* [Records supplied]
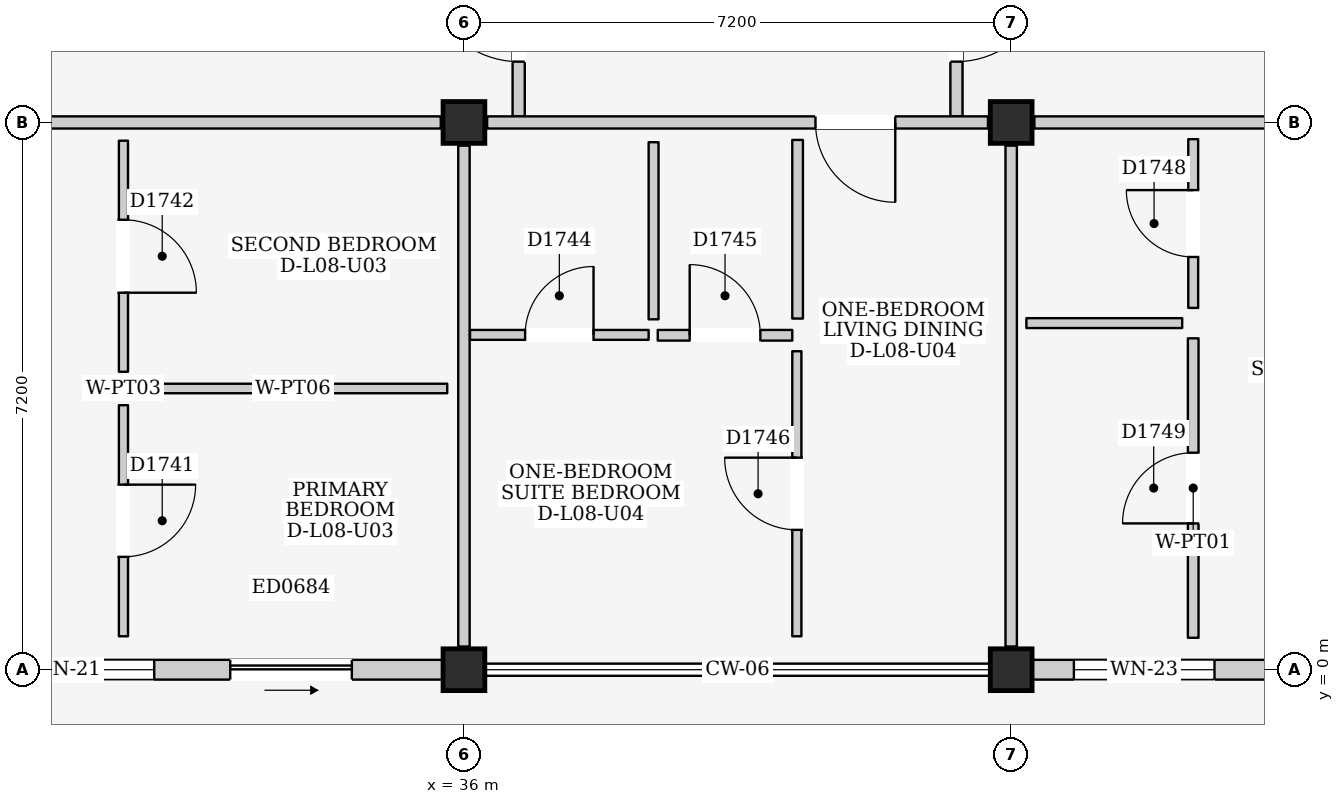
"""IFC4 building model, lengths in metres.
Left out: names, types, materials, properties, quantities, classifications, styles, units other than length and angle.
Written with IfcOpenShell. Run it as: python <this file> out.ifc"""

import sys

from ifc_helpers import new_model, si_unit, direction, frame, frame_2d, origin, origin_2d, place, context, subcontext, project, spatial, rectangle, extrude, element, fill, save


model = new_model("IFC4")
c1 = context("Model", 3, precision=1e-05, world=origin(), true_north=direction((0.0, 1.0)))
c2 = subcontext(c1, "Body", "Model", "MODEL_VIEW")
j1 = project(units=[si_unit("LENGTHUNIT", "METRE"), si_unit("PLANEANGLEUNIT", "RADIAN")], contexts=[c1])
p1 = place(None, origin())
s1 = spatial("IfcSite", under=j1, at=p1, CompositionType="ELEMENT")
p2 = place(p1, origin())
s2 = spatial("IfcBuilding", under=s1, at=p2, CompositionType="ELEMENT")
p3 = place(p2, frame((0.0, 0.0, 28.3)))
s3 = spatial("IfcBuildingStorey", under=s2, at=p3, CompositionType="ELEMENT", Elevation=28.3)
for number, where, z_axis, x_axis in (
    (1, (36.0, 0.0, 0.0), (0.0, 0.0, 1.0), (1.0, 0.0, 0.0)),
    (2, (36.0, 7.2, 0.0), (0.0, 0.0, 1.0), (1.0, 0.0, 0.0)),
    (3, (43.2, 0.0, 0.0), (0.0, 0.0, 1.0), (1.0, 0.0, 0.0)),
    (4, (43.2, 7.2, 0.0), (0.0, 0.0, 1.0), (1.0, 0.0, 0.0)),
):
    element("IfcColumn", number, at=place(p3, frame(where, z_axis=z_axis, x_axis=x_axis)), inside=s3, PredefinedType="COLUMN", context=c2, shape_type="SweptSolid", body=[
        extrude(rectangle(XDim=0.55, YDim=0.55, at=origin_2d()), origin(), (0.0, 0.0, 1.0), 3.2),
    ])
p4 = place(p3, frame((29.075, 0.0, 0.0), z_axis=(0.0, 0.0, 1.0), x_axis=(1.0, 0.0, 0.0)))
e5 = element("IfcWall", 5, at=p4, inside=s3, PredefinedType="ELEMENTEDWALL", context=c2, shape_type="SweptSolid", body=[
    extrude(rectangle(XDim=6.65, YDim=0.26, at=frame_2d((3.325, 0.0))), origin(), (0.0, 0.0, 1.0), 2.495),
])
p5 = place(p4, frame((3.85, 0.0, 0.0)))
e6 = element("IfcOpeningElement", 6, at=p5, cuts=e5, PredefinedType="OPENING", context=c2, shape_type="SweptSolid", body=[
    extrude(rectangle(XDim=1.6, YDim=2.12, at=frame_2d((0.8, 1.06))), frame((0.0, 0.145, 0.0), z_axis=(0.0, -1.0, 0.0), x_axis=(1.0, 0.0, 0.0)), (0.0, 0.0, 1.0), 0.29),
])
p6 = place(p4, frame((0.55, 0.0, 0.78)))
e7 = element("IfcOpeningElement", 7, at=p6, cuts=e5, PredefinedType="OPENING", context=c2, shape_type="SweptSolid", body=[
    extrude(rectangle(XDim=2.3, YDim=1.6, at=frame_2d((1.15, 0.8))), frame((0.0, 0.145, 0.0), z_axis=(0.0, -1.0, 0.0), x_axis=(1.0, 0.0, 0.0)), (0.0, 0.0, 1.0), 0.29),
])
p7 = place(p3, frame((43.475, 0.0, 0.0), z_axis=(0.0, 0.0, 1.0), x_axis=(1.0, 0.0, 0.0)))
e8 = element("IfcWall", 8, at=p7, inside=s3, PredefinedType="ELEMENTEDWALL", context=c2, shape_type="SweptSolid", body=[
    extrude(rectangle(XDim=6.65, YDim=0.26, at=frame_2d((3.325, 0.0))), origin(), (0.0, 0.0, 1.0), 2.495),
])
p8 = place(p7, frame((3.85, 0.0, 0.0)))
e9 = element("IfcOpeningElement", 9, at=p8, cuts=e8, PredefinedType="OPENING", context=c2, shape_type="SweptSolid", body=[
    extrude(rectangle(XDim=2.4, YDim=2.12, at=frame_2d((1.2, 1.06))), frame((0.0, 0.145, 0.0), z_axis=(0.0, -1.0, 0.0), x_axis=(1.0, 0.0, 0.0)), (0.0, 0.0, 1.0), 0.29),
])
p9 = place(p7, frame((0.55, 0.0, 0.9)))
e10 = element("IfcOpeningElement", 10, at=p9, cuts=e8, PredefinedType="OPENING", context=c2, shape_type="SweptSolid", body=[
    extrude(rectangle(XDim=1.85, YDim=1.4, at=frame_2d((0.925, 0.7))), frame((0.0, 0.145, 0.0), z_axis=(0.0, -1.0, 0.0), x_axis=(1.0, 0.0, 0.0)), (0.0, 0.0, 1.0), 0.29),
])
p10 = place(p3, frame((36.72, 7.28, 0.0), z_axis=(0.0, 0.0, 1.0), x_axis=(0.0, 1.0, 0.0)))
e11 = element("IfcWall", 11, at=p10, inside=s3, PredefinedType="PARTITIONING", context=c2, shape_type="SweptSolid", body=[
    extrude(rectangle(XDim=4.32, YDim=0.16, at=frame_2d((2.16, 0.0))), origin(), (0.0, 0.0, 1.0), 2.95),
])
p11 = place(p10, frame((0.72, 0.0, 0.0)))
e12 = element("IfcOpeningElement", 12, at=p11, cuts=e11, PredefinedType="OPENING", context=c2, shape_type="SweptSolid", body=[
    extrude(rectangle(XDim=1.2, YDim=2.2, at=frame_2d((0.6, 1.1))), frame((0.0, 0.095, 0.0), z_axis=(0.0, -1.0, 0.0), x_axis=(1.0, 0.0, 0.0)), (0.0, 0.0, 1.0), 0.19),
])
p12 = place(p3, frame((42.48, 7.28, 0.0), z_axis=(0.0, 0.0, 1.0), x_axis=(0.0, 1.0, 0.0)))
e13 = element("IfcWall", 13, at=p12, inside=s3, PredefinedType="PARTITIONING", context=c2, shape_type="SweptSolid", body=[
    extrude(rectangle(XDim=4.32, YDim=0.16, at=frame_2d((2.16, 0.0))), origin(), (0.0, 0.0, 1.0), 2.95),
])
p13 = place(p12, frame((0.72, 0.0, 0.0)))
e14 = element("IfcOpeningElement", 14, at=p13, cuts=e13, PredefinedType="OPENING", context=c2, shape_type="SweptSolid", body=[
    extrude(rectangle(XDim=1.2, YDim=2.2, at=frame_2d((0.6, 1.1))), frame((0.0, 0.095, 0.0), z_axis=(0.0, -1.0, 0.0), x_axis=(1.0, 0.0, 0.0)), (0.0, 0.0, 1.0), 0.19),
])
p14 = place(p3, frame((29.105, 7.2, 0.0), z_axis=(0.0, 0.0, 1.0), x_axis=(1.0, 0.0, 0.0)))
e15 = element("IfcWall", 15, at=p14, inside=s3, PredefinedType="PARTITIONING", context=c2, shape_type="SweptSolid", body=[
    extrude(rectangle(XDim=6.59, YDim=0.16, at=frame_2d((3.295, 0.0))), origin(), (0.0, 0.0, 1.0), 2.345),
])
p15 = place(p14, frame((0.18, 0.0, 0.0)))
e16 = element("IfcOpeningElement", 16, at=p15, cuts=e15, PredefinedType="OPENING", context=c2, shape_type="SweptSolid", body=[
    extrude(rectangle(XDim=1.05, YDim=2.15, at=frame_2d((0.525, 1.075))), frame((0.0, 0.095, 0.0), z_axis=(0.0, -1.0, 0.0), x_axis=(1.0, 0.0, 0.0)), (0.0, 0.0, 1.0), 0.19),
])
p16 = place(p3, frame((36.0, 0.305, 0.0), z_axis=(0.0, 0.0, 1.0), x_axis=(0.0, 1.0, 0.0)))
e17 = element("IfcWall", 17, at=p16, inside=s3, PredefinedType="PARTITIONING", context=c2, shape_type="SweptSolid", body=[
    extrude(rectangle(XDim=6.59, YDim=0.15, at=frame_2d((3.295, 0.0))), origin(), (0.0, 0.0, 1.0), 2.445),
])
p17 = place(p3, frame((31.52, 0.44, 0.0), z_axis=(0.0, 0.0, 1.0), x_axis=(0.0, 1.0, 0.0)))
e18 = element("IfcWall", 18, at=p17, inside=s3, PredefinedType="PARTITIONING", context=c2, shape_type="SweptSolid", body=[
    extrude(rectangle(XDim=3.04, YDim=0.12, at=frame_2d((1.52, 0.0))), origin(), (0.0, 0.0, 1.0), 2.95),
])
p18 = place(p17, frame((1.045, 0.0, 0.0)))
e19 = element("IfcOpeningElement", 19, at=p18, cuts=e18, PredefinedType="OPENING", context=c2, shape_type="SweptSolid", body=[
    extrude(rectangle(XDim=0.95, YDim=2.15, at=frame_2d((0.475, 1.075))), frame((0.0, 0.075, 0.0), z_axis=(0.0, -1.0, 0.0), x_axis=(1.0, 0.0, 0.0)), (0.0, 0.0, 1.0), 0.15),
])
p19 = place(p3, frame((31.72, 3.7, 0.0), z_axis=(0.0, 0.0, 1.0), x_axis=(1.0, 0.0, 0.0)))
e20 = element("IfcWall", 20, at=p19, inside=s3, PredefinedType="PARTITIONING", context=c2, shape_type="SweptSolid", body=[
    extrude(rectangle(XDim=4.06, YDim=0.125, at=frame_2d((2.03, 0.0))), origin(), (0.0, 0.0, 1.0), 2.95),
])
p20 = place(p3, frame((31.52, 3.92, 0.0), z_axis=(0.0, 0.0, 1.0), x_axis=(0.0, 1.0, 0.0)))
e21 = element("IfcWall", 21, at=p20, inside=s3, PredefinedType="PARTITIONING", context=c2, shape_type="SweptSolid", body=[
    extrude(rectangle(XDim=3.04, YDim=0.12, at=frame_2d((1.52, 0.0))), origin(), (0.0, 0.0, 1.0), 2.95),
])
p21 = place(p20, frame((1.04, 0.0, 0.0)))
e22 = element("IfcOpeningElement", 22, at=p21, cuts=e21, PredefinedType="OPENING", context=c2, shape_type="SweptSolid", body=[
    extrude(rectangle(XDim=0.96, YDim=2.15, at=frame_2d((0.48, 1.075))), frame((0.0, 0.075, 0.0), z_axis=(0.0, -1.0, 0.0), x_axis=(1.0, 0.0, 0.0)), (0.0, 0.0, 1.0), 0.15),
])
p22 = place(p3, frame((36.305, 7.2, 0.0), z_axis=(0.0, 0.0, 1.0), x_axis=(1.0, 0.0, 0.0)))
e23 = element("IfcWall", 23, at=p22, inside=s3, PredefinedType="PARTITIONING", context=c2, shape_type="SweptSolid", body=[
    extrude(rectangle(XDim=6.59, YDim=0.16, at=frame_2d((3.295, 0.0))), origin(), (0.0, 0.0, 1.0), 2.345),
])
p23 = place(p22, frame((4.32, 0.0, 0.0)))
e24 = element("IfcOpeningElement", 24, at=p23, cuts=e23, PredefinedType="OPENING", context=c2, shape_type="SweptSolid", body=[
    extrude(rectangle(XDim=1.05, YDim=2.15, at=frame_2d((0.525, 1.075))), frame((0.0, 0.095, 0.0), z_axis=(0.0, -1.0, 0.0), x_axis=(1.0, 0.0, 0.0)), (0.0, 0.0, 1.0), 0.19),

* [Task requirements]
Note down each line above where the word "under" occurs.

* [Answer to this exercise]
s1 = spatial("IfcSite", under=j1, at=p1, CompositionType="ELEMENT")
s2 = spatial("IfcBuilding", under=s1, at=p2, CompositionType="ELEMENT")
s3 = spatial("IfcBuildingStorey", under=s2, at=p3, CompositionType="ELEMENT", Elevation=28.3)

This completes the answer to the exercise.